■ **WORK TO BE COMPLETED**
Repeat exactly, and only, the lines below starting at the line that contains "x_axis=(1.0, 0.0, 0.0)))" and ending at the line that contains "p40 = place(p9, origin())", inclusive of both.
- - -
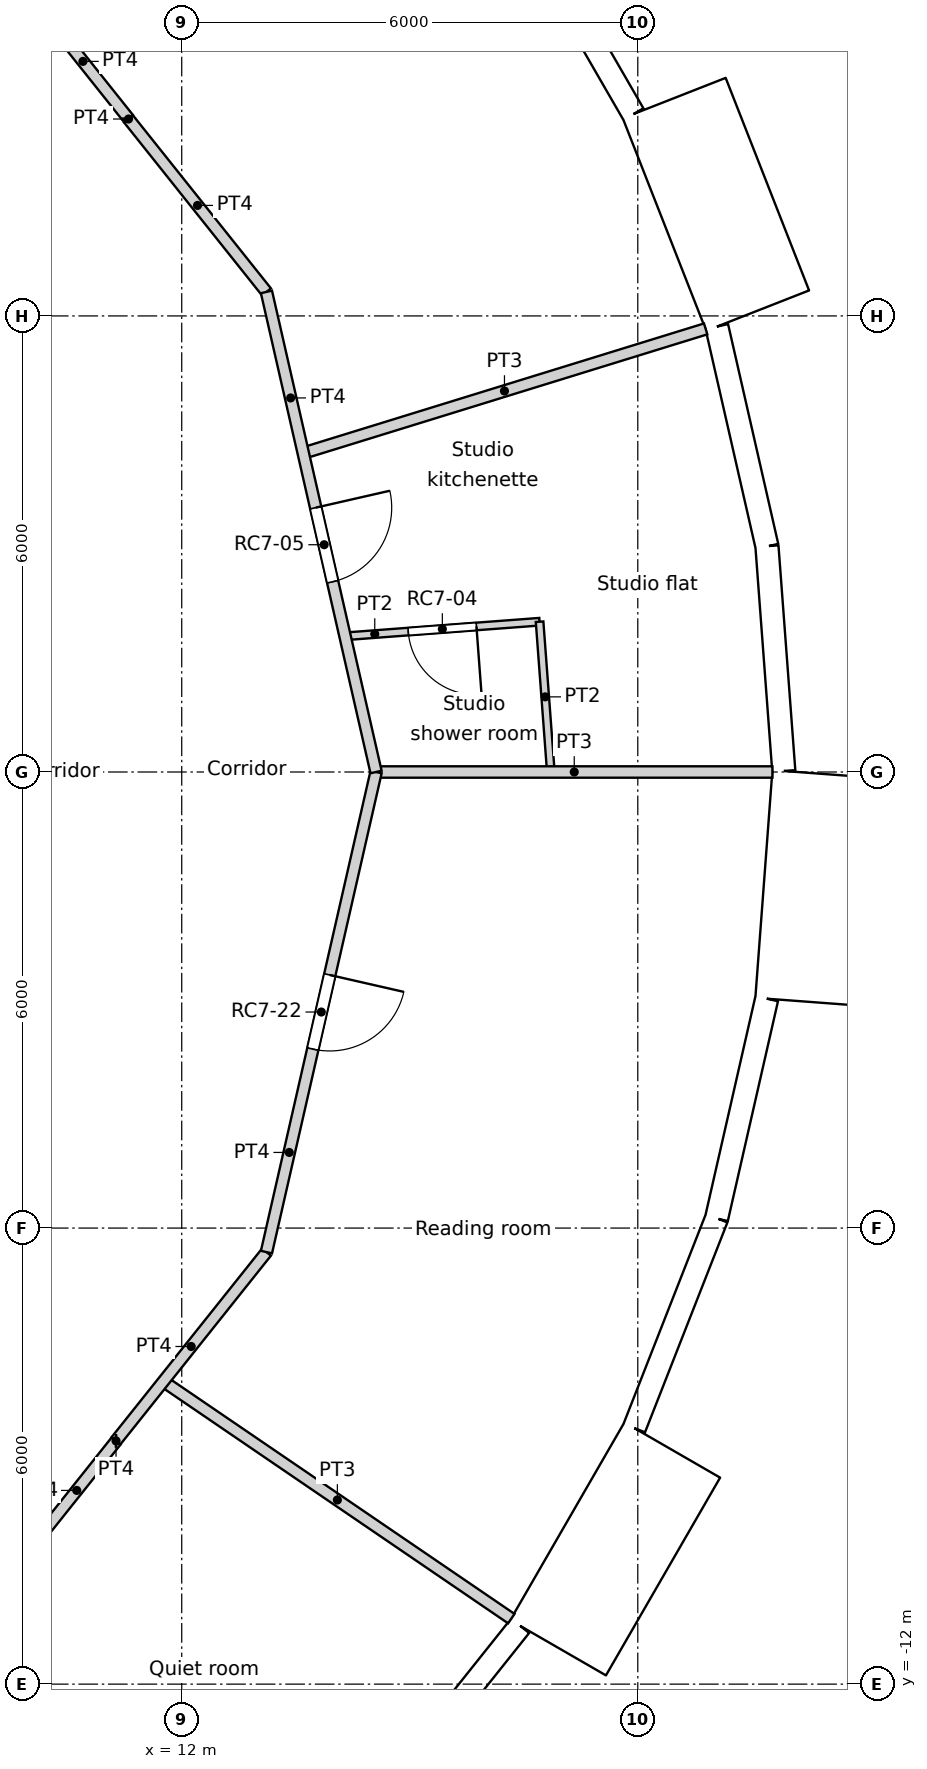
"""IFC4 building model, lengths in metres.
Left out: names, types, materials, properties, quantities, classifications, styles, units other than length and angle.
Written with IfcOpenShell. Run it as: python <this file> out.ifc"""

import sys

from ifc_helpers import new_model, si_unit, direction, frame, frame_2d, origin, origin_2d, place, context, subcontext, project, spatial, rectangle, circle, extrude, element, fill, save


model = new_model("IFC4")
c1 = context("Model", 3, precision=1e-05, world=origin(), true_north=direction((0.0, 1.0)))
c2 = subcontext(c1, "Body", "Model", "MODEL_VIEW")
j1 = project(units=[si_unit("LENGTHUNIT", "METRE"), si_unit("PLANEANGLEUNIT", "RADIAN")], contexts=[c1])
p1 = place(None, origin())
s1 = spatial("IfcSite", under=j1, at=p1, CompositionType="ELEMENT")
p2 = place(p1, origin())
s2 = spatial("IfcBuilding", under=s1, at=p2, CompositionType="ELEMENT")
p3 = place(p2, frame((0.0, 0.0, 294.6)))
s3 = spatial("IfcBuildingStorey", under=s2, at=p3, CompositionType="ELEMENT", Elevation=294.6)
for number, where, z_axis, x_axis in (
    (1, (18.822, 0.0, 0.0), (0.0, 0.0, 1.0), (1.0, 0.0, 0.0)),
    (2, (17.986, 5.548, 0.0), (0.0, 0.0, 1.0), (1.0, 0.0, 0.0)),
    (3, (15.552, -10.603, 0.0), (0.0, 0.0, 1.0), (1.0, 0.0, 0.0)),
    (4, (17.986, -5.548, 0.0), (0.0, 0.0, 1.0), (1.0, 0.0, 0.0)),
):
    element("IfcColumn", number, at=place(p3, frame(where, z_axis=z_axis, x_axis=x_axis)), inside=s3, PredefinedType="COLUMN", context=c2, shape_type="SweptSolid", body=[
        extrude(circle(Radius=0.45, at=origin_2d()), origin(), (0.0, 0.0, 1.0), 3.6),
    ])
p4 = place(p3, frame((19.921, 0.015, 0.0), z_axis=(0.0, 0.0, 1.0), x_axis=(-0.07474897196, 0.997202382263, 0.0)))
e5 = element("IfcWall", 5, at=p4, inside=s3, PredefinedType="SOLIDWALL", context=c2, shape_type="SweptSolid", body=[
    extrude(rectangle(XDim=2.962, YDim=0.3, at=frame_2d((1.481, 0.0))), origin(), (0.0, 0.0, 1.0), 3.25),
])
p5 = place(p4, frame((1.481, 0.0, 1.55)))
e6 = element("IfcOpeningElement", 6, at=p5, cuts=e5, PredefinedType="OPENING", context=c2, shape_type="SweptSolid", body=[
    extrude(circle(Radius=0.9, at=origin_2d()), frame((0.0, 0.16, 0.0), z_axis=(0.0, -1.0, 0.0), x_axis=(1.0, 0.0, 0.0)), (0.0, 0.0, 1.0), 0.32),
])
p6 = place(p3, frame((19.699, 2.969, 0.0), z_axis=(0.0, 0.0, 1.0), x_axis=(-0.222529389789, 0.974925982155, 0.0)))
e7 = element("IfcWall", 7, at=p6, inside=s3, PredefinedType="SOLIDWALL", context=c2, shape_type="SweptSolid", body=[
    extrude(rectangle(XDim=2.962, YDim=0.3, at=frame_2d((1.481, 0.0))), origin(), (0.0, 0.0, 1.0), 3.25),
])
p7 = place(p6, frame((1.481, 0.0, 1.55)))
e8 = element("IfcOpeningElement", 8, at=p7, cuts=e7, PredefinedType="OPENING", context=c2, shape_type="SweptSolid", body=[
    extrude(circle(Radius=0.9, at=origin_2d()), frame((0.0, 0.16, 0.0), z_axis=(0.0, -1.0, 0.0), x_axis=(1.0, 0.0, 0.0)), (0.0, 0.0, 1.0), 0.32),
])
p8 = place(p3, frame((19.576, 6.072, -0.35), z_axis=(0.0, 0.0, 1.0), x_axis=(-0.36537792632, 0.93085926485, 0.0)))
e9 = element("IfcWall", 9, at=p8, inside=s3, PredefinedType="ELEMENTEDWALL", context=c2, shape_type="SweptSolid", body=[
    extrude(rectangle(XDim=3.0, YDim=1.45, at=frame_2d((1.5, 0.0))), origin(), (0.0, 0.0, 1.0), 3.6),
])
p9 = place(p8, frame((1.5, 0.0, 1.9)))
e10 = element("IfcOpeningElement", 10, at=p9, cuts=e9, PredefinedType="OPENING", context=c2, shape_type="SweptSolid", body=[
    extrude(circle(Radius=0.9, at=origin_2d()), frame((0.0, 0.735, 0.0), z_axis=(0.0, -1.0, 0.0), x_axis=(1.0, 0.0, 0.0)), (0.0, 0.0, 1.0), 1.47),
])
p10 = place(p3, frame((17.941, 8.657, 0.0), z_axis=(0.0, 0.0, 1.0), x_axis=(-0.499950756475, 0.86605383268, 0.0)))
e11 = element("IfcWall", 11, at=p10, inside=s3, PredefinedType="SOLIDWALL", context=c2, shape_type="SweptSolid", body=[
    extrude(rectangle(XDim=2.962, YDim=0.3, at=frame_2d((1.481, 0.0))), origin(), (0.0, 0.0, 1.0), 3.25),
])
p11 = place(p10, frame((1.481, 0.0, 1.55)))
e12 = element("IfcOpeningElement", 12, at=p11, cuts=e11, PredefinedType="OPENING", context=c2, shape_type="SweptSolid", body=[
    extrude(circle(Radius=0.9, at=origin_2d()), frame((0.0, 0.16, 0.0), z_axis=(0.0, -1.0, 0.0), x_axis=(1.0, 0.0, 0.0)), (0.0, 0.0, 1.0), 0.32),
])
p12 = place(p3, frame((14.604, -13.55, 0.0), z_axis=(0.0, 0.0, 1.0), x_axis=(0.623498236992, 0.781824755599, 0.0)))
e13 = element("IfcWall", 13, at=p12, inside=s3, PredefinedType="SOLIDWALL", context=c2, shape_type="SweptSolid", body=[
    extrude(rectangle(XDim=2.962, YDim=0.3, at=frame_2d((1.481, 0.0))), origin(), (0.0, 0.0, 1.0), 3.25),
])
p13 = place(p12, frame((1.481, 0.0, 1.55)))
e14 = element("IfcOpeningElement", 14, at=p13, cuts=e13, PredefinedType="OPENING", context=c2, shape_type="SweptSolid", body=[
    extrude(circle(Radius=0.9, at=origin_2d()), frame((0.0, 0.16, 0.0), z_axis=(0.0, -1.0, 0.0), x_axis=(1.0, 0.0, 0.0)), (0.0, 0.0, 1.0), 0.32),
])
p14 = place(p3, frame((16.952, -11.52, -0.35), z_axis=(0.0, 0.0, 1.0), x_axis=(0.499990139034, 0.866031096941, 0.0)))
e15 = element("IfcWall", 15, at=p14, inside=s3, PredefinedType="ELEMENTEDWALL", context=c2, shape_type="SweptSolid", body=[
    extrude(rectangle(XDim=3.0, YDim=1.45, at=frame_2d((1.5, 0.0))), origin(), (0.0, 0.0, 1.0), 3.6),
])
p15 = place(p14, frame((1.5, 0.0, 1.9)))
e16 = element("IfcOpeningElement", 16, at=p15, cuts=e15, PredefinedType="OPENING", context=c2, shape_type="SweptSolid", body=[
    extrude(circle(Radius=0.9, at=origin_2d()), frame((0.0, 0.735, 0.0), z_axis=(0.0, -1.0, 0.0), x_axis=(1.0, 0.0, 0.0)), (0.0, 0.0, 1.0), 1.47),
])
p16 = place(p3, frame((17.955, -8.629, 0.0), z_axis=(0.0, 0.0, 1.0), x_axis=(0.36530043032, 0.930889679612, 0.0)))
e17 = element("IfcWall", 17, at=p16, inside=s3, PredefinedType="SOLIDWALL", context=c2, shape_type="SweptSolid", body=[
    extrude(rectangle(XDim=2.962, YDim=0.3, at=frame_2d((1.481, 0.0))), origin(), (0.0, 0.0, 1.0), 3.25),
])
p17 = place(p16, frame((1.481, 0.0, 1.55)))
e18 = element("IfcOpeningElement", 18, at=p17, cuts=e17, PredefinedType="OPENING", context=c2, shape_type="SweptSolid", body=[
    extrude(circle(Radius=0.9, at=origin_2d()), frame((0.0, 0.16, 0.0), z_axis=(0.0, -1.0, 0.0), x_axis=(1.0, 0.0, 0.0)), (0.0, 0.0, 1.0), 0.32),
])
p18 = place(p3, frame((19.037, -5.872, 0.0), z_axis=(0.0, 0.0, 1.0), x_axis=(0.222529389789, 0.974925982155, 0.0)))
e19 = element("IfcWall", 19, at=p18, inside=s3, PredefinedType="SOLIDWALL", context=c2, shape_type="SweptSolid", body=[
    extrude(rectangle(XDim=2.962, YDim=0.3, at=frame_2d((1.481, 0.0))), origin(), (0.0, 0.0, 1.0), 3.25),
])
p19 = place(p18, frame((1.481, 0.0, 1.55)))
e20 = element("IfcOpeningElement", 20, at=p19, cuts=e19, PredefinedType="OPENING", context=c2, shape_type="SweptSolid", body=[
    extrude(circle(Radius=0.9, at=origin_2d()), frame((0.0, 0.16, 0.0), z_axis=(0.0, -1.0, 0.0), x_axis=(1.0, 0.0, 0.0)), (0.0, 0.0, 1.0), 0.32),
])
p20 = place(p3, frame((20.272, -3.023, -0.35), z_axis=(0.0, 0.0, 1.0), x_axis=(0.074785902127, 0.997199613339, 0.0)))
e21 = element("IfcWall", 21, at=p20, inside=s3, PredefinedType="ELEMENTEDWALL", context=c2, shape_type="SweptSolid", body=[
    extrude(rectangle(XDim=3.0, YDim=1.45, at=frame_2d((1.5, 0.0))), origin(), (0.0, 0.0, 1.0), 3.6),
])
p21 = place(p20, frame((1.5, 0.0, 1.9)))
e22 = element("IfcOpeningElement", 22, at=p21, cuts=e21, PredefinedType="OPENING", context=c2, shape_type="SweptSolid", body=[
    extrude(circle(Radius=0.9, at=origin_2d()), frame((0.0, 0.735, 0.0), z_axis=(0.0, -1.0, 0.0), x_axis=(1.0, 0.0, 0.0)), (0.0, 0.0, 1.0), 1.47),
])
p22 = place(p3, frame((10.101, 10.101, 0.0), z_axis=(0.0, 0.0, 1.0), x_axis=(0.623130947784, -0.782117524362, 0.0)))
e23 = element("IfcWall", 23, at=p22, inside=s3, PredefinedType="PARTITIONING", context=c2, shape_type="SweptSolid", body=[
    extrude(rectangle(XDim=1.924, YDim=0.15, at=frame_2d((0.962, 0.0))), origin(), (0.0, 0.0, 1.0), 3.25),
])
p23 = place(p3, frame((11.3, 8.585, 0.0), z_axis=(0.0, 0.0, 1.0), x_axis=(0.0, 1.0, 0.0)))
e24 = element("IfcWall", 24, at=p23, inside=s3, PredefinedType="PARTITIONING", context=c2, shape_type="SweptSolid", body=[
    extrude(rectangle(XDim=0.011, YDim=0.15, at=frame_2d((0.006, 0.0))), origin(), (0.0, 0.0, 1.0), 3.25),
])
p24 = place(p3, frame((11.137, -8.8, 0.0), z_axis=(0.0, 0.0, 1.0), x_axis=(-1.0, 0.0, 0.0)))
e25 = element("IfcWall", 25, at=p24, inside=s3, PredefinedType="PARTITIONING", context=c2, shape_type="SweptSolid", body=[
    extrude(rectangle(XDim=0.003, YDim=0.15, at=frame_2d((0.001, 0.0))), origin(), (0.0, 0.0, 1.0), 3.25),
])
p25 = place(p3, frame((10.101, -10.101, 0.0), z_axis=(0.0, 0.0, 1.0), x_axis=(0.623098344652, 0.782143498913, 0.0)))
e26 = element("IfcWall", 26, at=p25, inside=s3, PredefinedType="PARTITIONING", context=c2, shape_type="SweptSolid", body=[
    extrude(rectangle(XDim=1.661, YDim=0.15, at=frame_2d((0.831, 0.0))), origin(), (0.0, 0.0, 1.0), 3.25),
])
p26 = place(p3, frame((13.115, 6.316, 0.0), z_axis=(0.0, 0.0, 1.0), x_axis=(0.222568978642, -0.97491694505, 0.0)))
e27 = element("IfcWall", 27, at=p26, inside=s3, PredefinedType="PARTITIONING", context=c2, shape_type="SweptSolid", body=[
    extrude(rectangle(XDim=6.479, YDim=0.15, at=frame_2d((3.239, 0.0))), origin(), (0.0, 0.0, 1.0), 3.25),
])
p27 = place(p26, frame((2.911, 0.0, 0.0)))
e28 = element("IfcOpeningElement", 28, at=p27, cuts=e27, PredefinedType="OPENING", context=c2, shape_type="SweptSolid", body=[
    extrude(rectangle(XDim=1.0, YDim=2.1, at=frame_2d((0.5, 1.05))), frame((0.0, 0.075, 0.0), z_axis=(0.0, -1.0, 0.0), x_axis=(1.0, 0.0, 0.0)), (0.0, 0.0, 1.0), 0.15),
])
p28 = place(p3, frame((11.3, 8.592, 0.0), z_axis=(0.0, 0.0, 1.0), x_axis=(0.623446514299, -0.781866001185, 0.0)))
e29 = element("IfcWall", 29, at=p28, inside=s3, PredefinedType="PARTITIONING", context=c2, shape_type="SweptSolid", body=[
    extrude(rectangle(XDim=2.911, YDim=0.15, at=frame_2d((1.456, 0.0))), origin(), (0.0, 0.0, 1.0), 3.25),
])
p29 = place(p3, frame((11.134, -8.8, 0.0), z_axis=(0.0, 0.0, 1.0), x_axis=(0.623560523309, 0.781775078761, 0.0)))
e30 = element("IfcWall", 30, at=p29, inside=s3, PredefinedType="PARTITIONING", context=c2, shape_type="SweptSolid", body=[
    extrude(rectangle(XDim=3.177, YDim=0.15, at=frame_2d((1.589, 0.0))), origin(), (0.0, 0.0, 1.0), 3.25),
])
p30 = place(p3, frame((13.115, -6.316, 0.0), z_axis=(0.0, 0.0, 1.0), x_axis=(0.222568978642, 0.97491694505, 0.0)))
e31 = element("IfcWall", 31, at=p30, inside=s3, PredefinedType="PARTITIONING", context=c2, shape_type="SweptSolid", body=[
    extrude(rectangle(XDim=6.479, YDim=0.15, at=frame_2d((3.239, 0.0))), origin(), (0.0, 0.0, 1.0), 3.25),
])
p31 = place(p30, frame((2.74, 0.0, 0.0)))
e32 = element("IfcOpeningElement", 32, at=p31, cuts=e31, PredefinedType="OPENING", context=c2, shape_type="SweptSolid", body=[
    extrude(rectangle(XDim=1.0, YDim=2.04, at=frame_2d((0.5, 1.02))), frame((0.0, 0.075, 0.0), z_axis=(0.0, -1.0, 0.0), x_axis=(1.0, 0.0, 0.0)), (0.0, 0.0, 1.0), 0.15),
])
p32 = place(p3, frame((16.708, 1.977, 0.0), z_axis=(0.0, 0.0, 1.0), x_axis=(0.074624634103, -0.997211694669, 0.0)))
e33 = element("IfcWall", 33, at=p32, inside=s3, PredefinedType="PARTITIONING", context=c2, shape_type="SweptSolid", body=[
    extrude(rectangle(XDim=1.983, YDim=0.1, at=frame_2d((0.991, 0.0))), origin(), (0.0, 0.0, 1.0), 3.25),
])
p33 = place(p3, frame((14.149, 1.785, 0.0), z_axis=(0.0, 0.0, 1.0), x_axis=(0.997193275785, 0.074870359477, 0.0)))
e34 = element("IfcWall", 34, at=p33, inside=s3, PredefinedType="PARTITIONING", context=c2, shape_type="SweptSolid", body=[
    extrude(rectangle(XDim=2.566, YDim=0.1, at=frame_2d((1.283, 0.0))), origin(), (0.0, 0.0, 1.0), 3.25),
])
p34 = place(p33, frame((0.833, 0.0, 0.0)))
e35 = element("IfcOpeningElement", 35, at=p34, cuts=e34, PredefinedType="OPENING", context=c2, shape_type="SweptSolid", body=[
    extrude(rectangle(XDim=0.9, YDim=2.04, at=frame_2d((0.45, 1.02))), frame((0.0, 0.05, 0.0), z_axis=(0.0, -1.0, 0.0), x_axis=(1.0, 0.0, 0.0)), (0.0, 0.0, 1.0), 0.1),
])
p35 = place(p3, frame((13.599, 4.195, 0.0), z_axis=(0.0, 0.0, 1.0), x_axis=(0.955510861731, 0.294955917239, 0.0)))
e36 = element("IfcWall", 36, at=p35, inside=s3, PredefinedType="PARTITIONING", context=c2, shape_type="SweptSolid", body=[
    extrude(rectangle(XDim=5.54, YDim=0.15, at=frame_2d((2.77, 0.0))), origin(), (0.0, 0.0, 1.0), 3.25),
])
p36 = place(p3, frame((14.557, 0.0, 0.0), z_axis=(0.0, 0.0, 1.0), x_axis=(1.0, 0.0, 0.0)))
e37 = element("IfcWall", 37, at=p36, inside=s3, PredefinedType="PARTITIONING", context=c2, shape_type="SweptSolid", body=[
    extrude(rectangle(XDim=5.214, YDim=0.15, at=frame_2d((2.607, 0.0))), origin(), (0.0, 0.0, 1.0), 3.25),
])
p37 = place(p3, frame((11.759, -8.017, 0.0), z_axis=(0.0, 0.0, 1.0), x_axis=(0.826207761897, -0.563365542238, 0.0)))
e38 = element("IfcWall", 38, at=p37, inside=s3, PredefinedType="PARTITIONING", context=c2, shape_type="SweptSolid", body=[
    extrude(rectangle(XDim=5.54, YDim=0.15, at=frame_2d((2.77, 0.0))), origin(), (0.0, 0.0, 1.0), 3.25),
])
p38 = place(p5, origin())
e39 = element("IfcWindow", 39, at=p38, inside=s3, PartitioningType="SINGLE_PANEL", PredefinedType="WINDOW", context=c2, shape_type="SweptSolid", body=[
    extrude(circle(Radius=0.9, at=origin_2d()), frame((0.0, 0.12, 0.0), z_axis=(0.0, -1.0, 0.0), x_axis=(1.0, 0.0, 0.0)), (0.0, 0.0, 1.0), 0.1),
])
fill(e6, e39)
p39 = place(p7, origin())
e40 = element("IfcWindow", 40, at=p39, inside=s3, PartitioningType="SINGLE_PANEL", PredefinedType="WINDOW", context=c2, shape_type="SweptSolid", body=[
    extrude(circle(Radius=0.9, at=origin_2d()), frame((0.0, 0.12, 0.0), z_axis=(0.0, -1.0, 0.0), x_axis=(1.0, 0.0, 0.0)), (0.0, 0.0, 1.0), 0.1),
])
fill(e8, e40)
p40 = place(p9, origin())
e41 = element("IfcWindow", 41, at=p40, inside=s3, PartitioningType="SINGLE_PANEL", PredefinedType="WINDOW", context=c2, shape_type="SweptSolid", body=[
    extrude(circle(Radius=0.9, at=origin_2d()), frame((0.0, 0.695, 0.0), z_axis=(0.0, -1.0, 0.0), x_axis=(1.0, 0.0, 0.0)), (0.0, 0.0, 1.0), 0.1),
])
fill(e10, e41)
p41 = place(p11, origin())
e42 = element("IfcWindow", 42, at=p41, inside=s3, PartitioningType="SINGLE_PANEL", PredefinedType="WINDOW", context=c2, shape_type="SweptSolid", body=[
    extrude(circle(Radius=0.9, at=origin_2d()), frame((0.0, 0.12, 0.0), z_axis=(0.0, -1.0, 0.0), x_axis=(1.0, 0.0, 0.0)), (0.0, 0.0, 1.0), 0.1),
])
fill(e12, e42)
p42 = place(p13, origin())
e43 = element("IfcWindow", 43, at=p42, inside=s3, PartitioningType="SINGLE_PANEL", PredefinedType="WINDOW", context=c2, shape_type="SweptSolid", body=[
    extrude(circle(Radius=0.9, at=origin_2d()), frame((0.0, 0.12, 0.0), z_axis=(0.0, -1.0, 0.0), x_axis=(1.0, 0.0, 0.0)), (0.0, 0.0, 1.0), 0.1),
])
fill(e14, e43)
p43 = place(p15, origin())
e44 = element("IfcWindow", 44, at=p43, inside=s3, PartitioningType="SINGLE_PANEL", PredefinedType="WINDOW", context=c2, shape_type="SweptSolid", body=[
    extrude(circle(Radius=0.9, at=origin_2d()), frame((0.0, 0.695, 0.0), z_axis=(0.0, -1.0, 0.0), x_axis=(1.0, 0.0, 0.0)), (0.0, 0.0, 1.0), 0.1),
])
fill(e16, e44)
p44 = place(p17, origin())
e45 = element("IfcWindow", 45, at=p44, inside=s3, PartitioningType="SINGLE_PANEL", PredefinedType="WINDOW", context=c2, shape_type="SweptSolid", body=[
    extrude(circle(Radius=0.9, at=origin_2d()), frame((0.0, 0.12, 0.0), z_axis=(0.0, -1.0, 0.0), x_axis=(1.0, 0.0, 0.0)), (0.0, 0.0, 1.0), 0.1),
])
fill(e18, e45)
p45 = place(p19, origin())
e46 = element("IfcWindow", 46, at=p45, inside=s3, PartitioningType="SINGLE_PANEL", PredefinedType="WINDOW", context=c2, shape_type="SweptSolid", body=[
    extrude(circle(Radius=0.9, at=origin_2d()), frame((0.0, 0.12, 0.0), z_axis=(0.0, -1.0, 0.0), x_axis=(1.0, 0.0, 0.0)), (0.0, 0.0, 1.0), 0.1),
])
fill(e20, e46)
p46 = place(p21, origin())
e47 = element("IfcWindow", 47, at=p46, inside=s3, PartitioningType="SINGLE_PANEL", PredefinedType="WINDOW", context=c2, shape_type="SweptSolid", body=[
    extrude(circle(Radius=0.9, at=origin_2d()), frame((0.0, 0.695, 0.0), z_axis=(0.0, -1.0, 0.0), x_axis=(1.0, 0.0, 0.0)), (0.0, 0.0, 1.0), 0.1),
])
fill(e22, e47)
p47 = place(p34, origin())
e48 = element("IfcDoor", 48, at=p47, inside=s3, OperationType="SINGLE_SWING_LEFT", PredefinedType="DOOR", context=c2, shape_type="SweptSolid", body=[
    extrude(rectangle(XDim=0.9, YDim=2.04, at=frame_2d((0.45, 1.02))), frame((0.0, 0.025, 0.0), z_axis=(0.0, -1.0, 0.0), x_axis=(1.0, 0.0, 0.0)), (0.0, 0.0, 1.0), 0.05),
])
fill(e35, e48)
p48 = place(p27, origin())
e49 = element("IfcDoor", 49, at=p48, inside=s3, OperationType="SINGLE_SWING_LEFT", PredefinedType="DOOR", context=c2, shape_type="SweptSolid", body=[
    extrude(rectangle(XDim=1.0, YDim=2.1, at=frame_2d((0.5, 1.05))), frame((0.0, 0.025, 0.0), z_axis=(0.0, -1.0, 0.0), x_axis=(1.0, 0.0, 0.0)), (0.0, 0.0, 1.0), 0.05),
])
fill(e28, e49)
p49 = place(p31, origin())
e50 = element("IfcDoor", 50, at=p49, inside=s3, OperationType="SINGLE_SWING_LEFT", PredefinedType="DOOR", context=c2, shape_type="SweptSolid", body=[
    extrude(rectangle(XDim=1.0, YDim=2.04, at=frame_2d((0.5, 1.02))), frame((0.0, 0.025, 0.0), z_axis=(0.0, -1.0, 0.0), x_axis=(1.0, 0.0, 0.0)), (0.0, 0.0, 1.0), 0.05),
])
fill(e32, e50)
save(model, sys.argv[1])
- - -
■ **ANSWER FOR THE TASK**
p36 = place(p3, frame((14.557, 0.0, 0.0), z_axis=(0.0, 0.0, 1.0), x_axis=(1.0, 0.0, 0.0)))
e37 = element("IfcWall", 37, at=p36, inside=s3, PredefinedType="PARTITIONING", context=c2, shape_type="SweptSolid", body=[
    extrude(rectangle(XDim=5.214, YDim=0.15, at=frame_2d((2.607, 0.0))), origin(), (0.0, 0.0, 1.0), 3.25),
])
p37 = place(p3, frame((11.759, -8.017, 0.0), z_axis=(0.0, 0.0, 1.0), x_axis=(0.826207761897, -0.563365542238, 0.0)))
e38 = element("IfcWall", 38, at=p37, inside=s3, PredefinedType="PARTITIONING", context=c2, shape_type="SweptSolid", body=[
    extrude(rectangle(XDim=5.54, YDim=0.15, at=frame_2d((2.77, 0.0))), origin(), (0.0, 0.0, 1.0), 3.25),
])
p38 = place(p5, origin())
e39 = element("IfcWindow", 39, at=p38, inside=s3, PartitioningType="SINGLE_PANEL", PredefinedType="WINDOW", context=c2, shape_type="SweptSolid", body=[
    extrude(circle(Radius=0.9, at=origin_2d()), frame((0.0, 0.12, 0.0), z_axis=(0.0, -1.0, 0.0), x_axis=(1.0, 0.0, 0.0)), (0.0, 0.0, 1.0), 0.1),
])
fill(e6, e39)
p39 = place(p7, origin())
e40 = element("IfcWindow", 40, at=p39, inside=s3, PartitioningType="SINGLE_PANEL", PredefinedType="WINDOW", context=c2, shape_type="SweptSolid", body=[
    extrude(circle(Radius=0.9, at=origin_2d()), frame((0.0, 0.12, 0.0), z_axis=(0.0, -1.0, 0.0), x_axis=(1.0, 0.0, 0.0)), (0.0, 0.0, 1.0), 0.1),
])
fill(e8, e40)
p40 = place(p9, origin())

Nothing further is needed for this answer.